AIM OF THE TASK
In the entries below, count each line where "Boss" appears. Give the total and nothing more.

--- EXERCISE MATERIALS ---

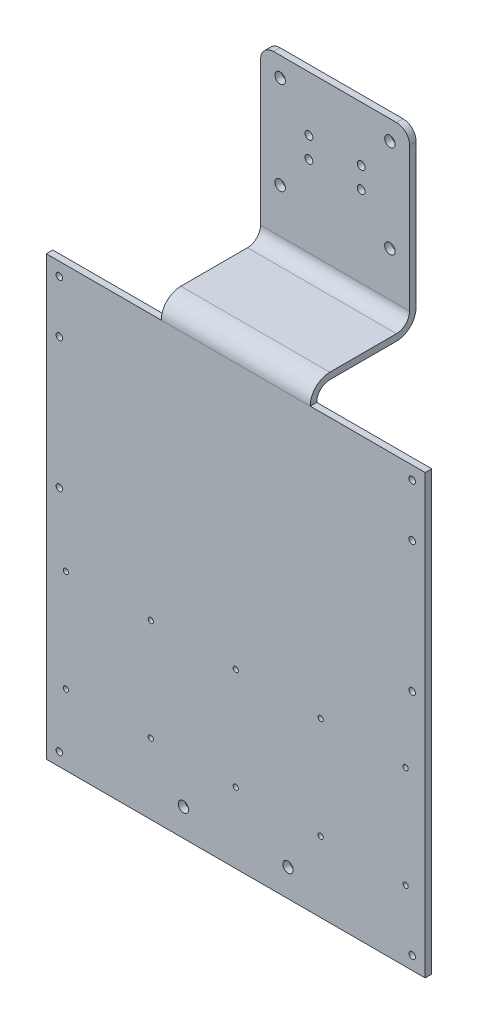
SolidWorks part; units mm, degrees
ref_plane "Front Plane" through (0, 0, 0) normal (0, 0, 1) x (1, 0, 0)
ref_plane "Top Plane" through (0, 0, 0) normal (0, 1, 0) x (1, 0, 0)
ref_plane "Right Plane" through (0, 0, 0) normal (1, 0, 0) x (0, 0, -1)
sketch "Sketch1" plane through (0, 0, 0) normal (0, 0, 1) x (1, 0, 0)
  line L1 (-145, -175) -> (145, -175)
  line L2 (-145, -175) -> (-145, 175)
  line L3 (-145, 175) -> (145, 175)
  line L4 (145, -175) -> (145, 175)
  line L5 (-145, -175) -> (145, 175) construction
  line L6 (-145, 175) -> (145, -175) construction
  point P0 (0, 0)
  dimension "D1" = 290
  dimension "D2" = 350
extrude "Boss-Extrude1" add sketch "Sketch1" along normal blind 5
sketch "Sketch2" plane through (0, 0, 5) normal (0, 0, 1) x (1, 0, 0)
  line L0 (145, 175) -> (-145, 175) construction
  line L1 (-57, 175) -> (57, 175)
  line L2 (-57, 175) -> (-57, 170)
  line L3 (-57, 170) -> (57, 170)
  line L4 (57, 175) -> (57, 170)
  line L5 (-145, 175) -> (-145, -175) construction
  dimension "D1" = 5
  dimension "D2" = 114
  dimension "D3" = 88
extrude "Boss-Extrude2" add sketch "Sketch2" against normal blind 81
sketch "Sketch3" plane through (0, 170, 0) normal (0, -1, 0) x (-1, 0, 0)
  line L0 (57, 76) -> (57, 0) construction
  line L1 (-57, 76) -> (57, 76)
  line L2 (-57, 76) -> (-57, 71)
  line L3 (-57, 71) -> (57, 71)
  line L4 (57, 76) -> (57, 71)
  dimension "D1" = 5
extrude "Boss-Extrude3" add sketch "Sketch3" against normal blind 135
fillet "Fillet1" radius 10 2 edges at (0, 175, -71) (0, 170, 0)
sketch "Sketch4" plane through (0, 0, 0) normal (0, 0, -1) x (-1, 0, 0)
  line L1 (57, 160) -> (145, 160)
  line L2 (57, 160) -> (57, 175)
  line L3 (57, 175) -> (145, 175)
  line L4 (145, 160) -> (145, 175)
  line L5 (-57, 160) -> (-145, 160)
  line L6 (-57, 160) -> (-57, 175)
  line L7 (-57, 175) -> (-145, 175)
  line L8 (-145, 160) -> (-145, 175)
extrude "Cut-Extrude1" cut sketch "Sketch4" against normal blind 120
fillet "Fillet2" radius 15 2 edges at (0, 175, 5) (0, 170, -76)
fillet "Fillet3" radius 10 2 edges at (-57, 305, -73.5) (57, 305, -73.5)
sketch "Sketch5" plane through (0, 0, -76) normal (0, 0, -1) x (-1, 0, 0)
  line L0 (57, 295) -> (57, 185) construction
  line L2 (47, 305) -> (-47, 305) construction
  line L3 (-57, 185) -> (-57, 295) construction
  circle A0 centre (42, 290) radius 4
  circle A1 centre (-42, 290) radius 4
  circle A2 centre (42, 219) radius 4
  circle A3 centre (-42, 219) radius 4
  dimension "D1" = 8
  dimension "D2" = 8
  dimension "D3" = 8
  dimension "D4" = 8
  dimension "D5" = 71
  dimension "D6" = 84
  dimension "D7" = 15
  dimension "D8" = 15
  dimension "D9" = 15
  dimension "D10" = 71
  dimension "D11" = 84
  dimension "D12" = 15
extrude "Cut-Extrude2" cut sketch "Sketch5" against normal blind 120
sketch "Sketch7" plane through (0, 0, 0) normal (0, 0, -1) x (-1, 0, 0)
  circle A0 centre (-130, -121) radius 2
  circle A1 centre (-65, -121) radius 2
  circle A2 centre (0, -121) radius 2
  circle A3 centre (65, -121) radius 2
  circle A4 centre (130, -121) radius 2
  circle A5 centre (130, -43) radius 2
  circle A6 centre (65, -43) radius 2
  circle A7 centre (0, -43) radius 2
  circle A8 centre (-65, -43) radius 2
  circle A9 centre (-130, -43) radius 2
extrude "Cut-Extrude3" cut sketch "Sketch7" against normal blind 10
sketch "Sketch8" plane through (0, 0, -76) normal (0, 0, -1) x (-1, 0, 0)
  circle A0 centre (-20, 247) radius 3
  circle A1 centre (-20, 263) radius 3
  circle A2 centre (20, 263) radius 3
  circle A3 centre (20, 247) radius 3
extrude "Cut-Extrude4" cut sketch "Sketch8" against normal blind 10
sketch "Sketch9" plane through (0, 0, 0) normal (0, 0, -1) x (-1, 0, 0)
  circle A0 centre (40, -154) radius 4
  circle A1 centre (-40, -154) radius 4
extrude "Cut-Extrude5" cut sketch "Sketch9" against normal blind 10
sketch "Sketch10" plane through (0, 0, 0) normal (0, 0, -1) x (-1, 0, 0)
  circle A0 centre (-135, -165) radius 2.5
  circle A1 centre (135, -165) radius 2.5
  circle A2 centre (135, 150) radius 2.5
  circle A3 centre (-135, 150) radius 2.5
extrude "Cut-Extrude6" cut sketch "Sketch10" against normal blind 10
sketch "Sketch11" plane through (0, 0, 0) normal (0, 0, -1) x (-1, 0, 0)
  circle A0 centre (135, 110) radius 2.5
  circle A1 centre (135, 10) radius 2.5
  circle A2 centre (-135, 110) radius 2.5
  circle A3 centre (-135, 10) radius 2.5
extrude "Cut-Extrude7" cut sketch "Sketch11" against normal blind 10

---

RESPONSE TO THIS EXERCISE
3